Task =>
Looking at the material below, count the lines that contain "import" and answer with the count only.

Exercise material =>
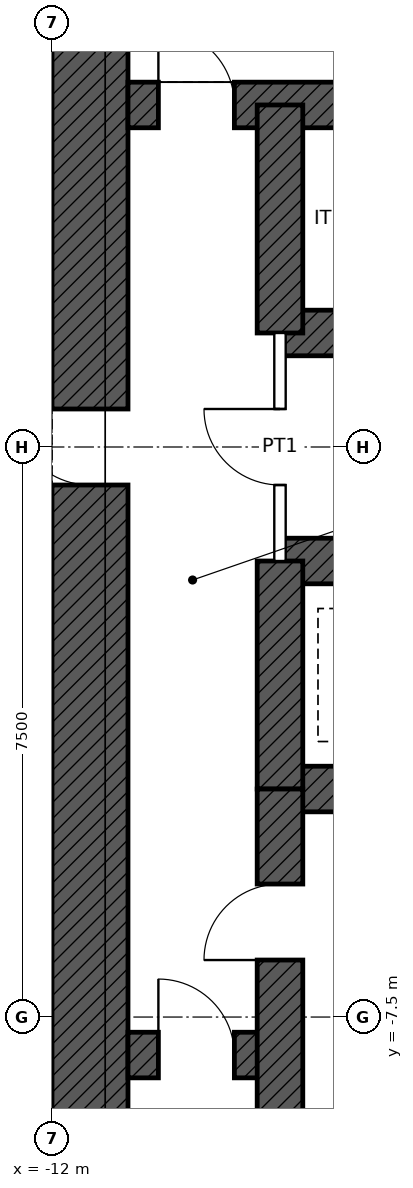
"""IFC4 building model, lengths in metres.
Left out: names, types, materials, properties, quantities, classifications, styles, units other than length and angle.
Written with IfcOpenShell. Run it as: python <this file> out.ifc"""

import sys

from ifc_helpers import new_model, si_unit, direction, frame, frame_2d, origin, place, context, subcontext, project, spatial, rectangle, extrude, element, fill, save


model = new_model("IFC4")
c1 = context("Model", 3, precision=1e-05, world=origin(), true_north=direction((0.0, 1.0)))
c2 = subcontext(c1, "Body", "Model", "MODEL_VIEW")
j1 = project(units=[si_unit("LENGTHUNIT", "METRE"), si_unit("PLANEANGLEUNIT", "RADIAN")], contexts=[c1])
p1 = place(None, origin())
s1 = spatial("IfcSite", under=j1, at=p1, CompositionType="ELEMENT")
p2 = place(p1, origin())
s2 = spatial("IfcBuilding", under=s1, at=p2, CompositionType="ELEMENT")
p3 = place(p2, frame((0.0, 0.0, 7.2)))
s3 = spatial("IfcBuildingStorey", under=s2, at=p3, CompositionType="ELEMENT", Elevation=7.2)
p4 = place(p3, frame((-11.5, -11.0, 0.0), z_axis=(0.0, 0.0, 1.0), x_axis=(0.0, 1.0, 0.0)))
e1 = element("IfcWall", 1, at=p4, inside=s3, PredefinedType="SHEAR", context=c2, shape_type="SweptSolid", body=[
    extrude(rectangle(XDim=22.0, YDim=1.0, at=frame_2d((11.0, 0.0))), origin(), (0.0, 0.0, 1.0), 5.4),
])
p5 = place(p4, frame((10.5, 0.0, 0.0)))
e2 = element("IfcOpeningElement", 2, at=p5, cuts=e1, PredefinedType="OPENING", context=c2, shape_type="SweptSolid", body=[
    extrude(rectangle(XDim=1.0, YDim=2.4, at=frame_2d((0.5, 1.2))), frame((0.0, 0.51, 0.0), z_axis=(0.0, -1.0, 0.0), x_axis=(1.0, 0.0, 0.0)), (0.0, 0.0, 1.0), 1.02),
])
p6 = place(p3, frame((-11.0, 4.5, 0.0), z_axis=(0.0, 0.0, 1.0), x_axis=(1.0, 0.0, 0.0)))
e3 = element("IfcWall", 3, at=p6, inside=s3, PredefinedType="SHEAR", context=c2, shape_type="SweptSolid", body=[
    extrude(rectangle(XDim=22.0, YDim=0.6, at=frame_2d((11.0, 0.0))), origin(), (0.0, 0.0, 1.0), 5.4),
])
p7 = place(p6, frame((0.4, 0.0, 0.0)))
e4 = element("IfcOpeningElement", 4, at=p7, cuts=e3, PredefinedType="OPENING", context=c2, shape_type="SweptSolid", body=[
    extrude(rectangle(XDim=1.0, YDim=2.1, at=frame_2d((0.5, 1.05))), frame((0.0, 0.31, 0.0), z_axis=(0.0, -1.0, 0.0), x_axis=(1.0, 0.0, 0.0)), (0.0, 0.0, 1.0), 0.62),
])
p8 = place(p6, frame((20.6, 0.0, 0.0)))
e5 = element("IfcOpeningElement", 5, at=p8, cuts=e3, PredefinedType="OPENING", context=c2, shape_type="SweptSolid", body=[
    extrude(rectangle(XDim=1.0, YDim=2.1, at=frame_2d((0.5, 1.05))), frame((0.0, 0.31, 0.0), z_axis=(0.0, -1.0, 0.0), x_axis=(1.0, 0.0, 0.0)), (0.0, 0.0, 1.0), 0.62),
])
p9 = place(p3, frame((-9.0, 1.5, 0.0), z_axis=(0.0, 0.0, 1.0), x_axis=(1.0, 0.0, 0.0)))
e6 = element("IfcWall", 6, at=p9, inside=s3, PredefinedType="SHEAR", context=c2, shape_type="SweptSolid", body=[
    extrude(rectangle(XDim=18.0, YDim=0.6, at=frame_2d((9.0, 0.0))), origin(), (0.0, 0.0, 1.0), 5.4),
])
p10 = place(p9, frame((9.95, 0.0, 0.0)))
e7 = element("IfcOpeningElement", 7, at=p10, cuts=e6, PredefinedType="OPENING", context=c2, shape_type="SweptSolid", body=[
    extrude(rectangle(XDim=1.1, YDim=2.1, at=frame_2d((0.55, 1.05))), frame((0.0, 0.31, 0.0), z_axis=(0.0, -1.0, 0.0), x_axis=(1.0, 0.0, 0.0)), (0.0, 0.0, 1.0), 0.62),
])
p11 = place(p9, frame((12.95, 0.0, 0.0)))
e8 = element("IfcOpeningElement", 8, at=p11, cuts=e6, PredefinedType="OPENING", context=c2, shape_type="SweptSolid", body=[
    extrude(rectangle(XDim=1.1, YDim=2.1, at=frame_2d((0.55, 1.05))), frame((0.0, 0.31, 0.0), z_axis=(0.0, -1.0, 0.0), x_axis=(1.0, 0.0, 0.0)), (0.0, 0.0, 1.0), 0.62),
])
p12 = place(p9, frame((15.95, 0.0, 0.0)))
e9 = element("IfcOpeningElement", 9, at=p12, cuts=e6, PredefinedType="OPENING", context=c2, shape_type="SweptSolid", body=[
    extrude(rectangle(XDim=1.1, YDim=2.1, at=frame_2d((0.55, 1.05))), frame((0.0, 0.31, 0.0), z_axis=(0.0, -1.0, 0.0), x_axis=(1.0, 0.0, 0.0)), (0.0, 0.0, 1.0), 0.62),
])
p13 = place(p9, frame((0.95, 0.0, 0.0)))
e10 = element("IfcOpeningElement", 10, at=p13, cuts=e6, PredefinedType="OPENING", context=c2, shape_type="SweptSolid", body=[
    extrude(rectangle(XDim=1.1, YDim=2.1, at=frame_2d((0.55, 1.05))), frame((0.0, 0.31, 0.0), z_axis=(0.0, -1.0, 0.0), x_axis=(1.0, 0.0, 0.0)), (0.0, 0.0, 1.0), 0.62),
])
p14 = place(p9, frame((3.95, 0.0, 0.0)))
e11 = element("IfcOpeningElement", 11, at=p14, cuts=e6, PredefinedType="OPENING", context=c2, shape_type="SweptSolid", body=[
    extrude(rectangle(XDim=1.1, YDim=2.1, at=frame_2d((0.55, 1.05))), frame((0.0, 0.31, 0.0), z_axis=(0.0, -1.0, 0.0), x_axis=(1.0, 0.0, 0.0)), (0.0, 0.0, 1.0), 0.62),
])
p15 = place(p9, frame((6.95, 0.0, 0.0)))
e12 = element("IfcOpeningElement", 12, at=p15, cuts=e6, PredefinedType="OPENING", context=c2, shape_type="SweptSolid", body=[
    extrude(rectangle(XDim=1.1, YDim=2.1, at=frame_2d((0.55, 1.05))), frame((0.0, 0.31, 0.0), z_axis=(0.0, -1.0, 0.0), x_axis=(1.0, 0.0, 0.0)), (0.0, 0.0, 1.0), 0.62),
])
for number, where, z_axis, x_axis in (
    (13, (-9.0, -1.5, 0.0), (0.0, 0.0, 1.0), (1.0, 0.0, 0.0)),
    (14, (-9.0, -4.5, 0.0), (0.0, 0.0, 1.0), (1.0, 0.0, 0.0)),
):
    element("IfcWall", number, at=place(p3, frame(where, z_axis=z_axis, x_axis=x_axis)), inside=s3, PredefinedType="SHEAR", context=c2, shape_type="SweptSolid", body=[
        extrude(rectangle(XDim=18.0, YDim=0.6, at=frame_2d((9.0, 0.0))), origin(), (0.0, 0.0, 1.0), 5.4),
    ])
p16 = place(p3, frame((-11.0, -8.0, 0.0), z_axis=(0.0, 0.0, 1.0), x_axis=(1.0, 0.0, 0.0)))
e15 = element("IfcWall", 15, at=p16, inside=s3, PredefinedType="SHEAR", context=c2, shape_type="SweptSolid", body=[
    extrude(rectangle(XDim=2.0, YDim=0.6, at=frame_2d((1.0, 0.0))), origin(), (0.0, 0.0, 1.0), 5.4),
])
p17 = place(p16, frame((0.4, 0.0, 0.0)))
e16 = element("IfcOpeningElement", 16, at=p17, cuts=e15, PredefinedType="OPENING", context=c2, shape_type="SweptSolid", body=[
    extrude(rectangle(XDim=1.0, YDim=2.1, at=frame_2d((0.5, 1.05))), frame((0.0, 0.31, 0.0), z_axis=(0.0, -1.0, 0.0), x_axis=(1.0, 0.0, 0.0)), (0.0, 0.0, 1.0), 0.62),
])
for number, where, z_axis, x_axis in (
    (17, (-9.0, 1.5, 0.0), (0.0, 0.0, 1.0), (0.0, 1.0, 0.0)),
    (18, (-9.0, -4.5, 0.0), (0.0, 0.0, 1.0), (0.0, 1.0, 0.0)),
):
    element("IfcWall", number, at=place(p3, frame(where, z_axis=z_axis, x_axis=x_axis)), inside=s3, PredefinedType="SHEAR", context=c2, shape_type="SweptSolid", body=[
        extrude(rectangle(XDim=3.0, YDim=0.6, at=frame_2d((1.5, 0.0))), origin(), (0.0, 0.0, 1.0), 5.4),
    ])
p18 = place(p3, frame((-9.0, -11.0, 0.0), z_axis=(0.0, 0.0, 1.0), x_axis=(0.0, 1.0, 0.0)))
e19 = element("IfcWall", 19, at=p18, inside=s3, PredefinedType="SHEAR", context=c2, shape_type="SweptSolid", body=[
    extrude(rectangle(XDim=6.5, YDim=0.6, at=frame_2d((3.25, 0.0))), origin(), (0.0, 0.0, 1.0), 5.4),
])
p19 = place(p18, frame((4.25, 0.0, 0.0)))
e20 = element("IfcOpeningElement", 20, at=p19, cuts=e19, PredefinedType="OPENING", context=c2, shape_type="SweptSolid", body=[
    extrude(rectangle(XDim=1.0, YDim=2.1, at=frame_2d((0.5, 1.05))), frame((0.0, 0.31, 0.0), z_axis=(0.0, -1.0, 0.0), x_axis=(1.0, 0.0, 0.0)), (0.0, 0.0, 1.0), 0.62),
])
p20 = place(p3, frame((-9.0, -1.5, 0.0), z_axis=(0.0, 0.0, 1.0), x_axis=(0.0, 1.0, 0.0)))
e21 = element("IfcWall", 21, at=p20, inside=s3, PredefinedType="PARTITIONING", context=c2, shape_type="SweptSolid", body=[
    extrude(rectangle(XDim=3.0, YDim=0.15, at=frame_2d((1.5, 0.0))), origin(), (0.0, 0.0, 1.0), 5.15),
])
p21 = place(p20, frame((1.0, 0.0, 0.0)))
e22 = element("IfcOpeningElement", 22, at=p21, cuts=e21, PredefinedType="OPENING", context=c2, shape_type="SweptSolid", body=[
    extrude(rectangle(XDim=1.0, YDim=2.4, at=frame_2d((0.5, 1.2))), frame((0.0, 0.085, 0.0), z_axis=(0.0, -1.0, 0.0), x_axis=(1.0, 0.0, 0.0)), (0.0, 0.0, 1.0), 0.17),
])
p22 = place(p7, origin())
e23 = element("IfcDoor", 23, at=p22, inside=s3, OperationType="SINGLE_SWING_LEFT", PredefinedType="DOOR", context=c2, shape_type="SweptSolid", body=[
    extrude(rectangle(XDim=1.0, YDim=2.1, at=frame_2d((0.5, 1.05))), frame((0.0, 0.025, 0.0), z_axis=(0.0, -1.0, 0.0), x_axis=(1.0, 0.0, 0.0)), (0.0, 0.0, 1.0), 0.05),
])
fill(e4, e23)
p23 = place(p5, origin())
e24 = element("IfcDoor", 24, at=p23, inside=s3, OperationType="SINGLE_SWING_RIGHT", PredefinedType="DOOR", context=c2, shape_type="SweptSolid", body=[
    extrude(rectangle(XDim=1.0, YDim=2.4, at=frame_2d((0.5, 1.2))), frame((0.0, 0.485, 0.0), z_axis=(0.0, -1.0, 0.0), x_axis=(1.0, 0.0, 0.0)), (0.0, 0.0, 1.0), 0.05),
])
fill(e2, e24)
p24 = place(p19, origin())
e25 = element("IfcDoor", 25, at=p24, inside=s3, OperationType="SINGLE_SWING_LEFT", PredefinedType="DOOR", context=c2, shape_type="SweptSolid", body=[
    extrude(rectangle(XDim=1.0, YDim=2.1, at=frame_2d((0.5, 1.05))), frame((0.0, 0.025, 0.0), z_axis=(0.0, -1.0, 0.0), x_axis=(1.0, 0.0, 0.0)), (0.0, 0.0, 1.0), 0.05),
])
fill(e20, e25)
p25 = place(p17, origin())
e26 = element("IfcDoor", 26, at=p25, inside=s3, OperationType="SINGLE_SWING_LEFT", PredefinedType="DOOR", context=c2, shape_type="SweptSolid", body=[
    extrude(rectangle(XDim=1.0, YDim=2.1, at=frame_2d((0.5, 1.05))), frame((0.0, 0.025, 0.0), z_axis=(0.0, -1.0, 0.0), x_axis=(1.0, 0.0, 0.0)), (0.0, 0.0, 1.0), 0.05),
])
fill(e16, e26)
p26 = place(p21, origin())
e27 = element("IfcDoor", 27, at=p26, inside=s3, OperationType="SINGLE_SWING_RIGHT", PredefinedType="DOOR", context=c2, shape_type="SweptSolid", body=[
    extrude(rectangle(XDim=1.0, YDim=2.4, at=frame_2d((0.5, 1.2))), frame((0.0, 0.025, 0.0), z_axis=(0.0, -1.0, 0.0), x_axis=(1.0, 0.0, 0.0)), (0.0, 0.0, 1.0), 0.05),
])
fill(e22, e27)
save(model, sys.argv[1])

Expected output =>
2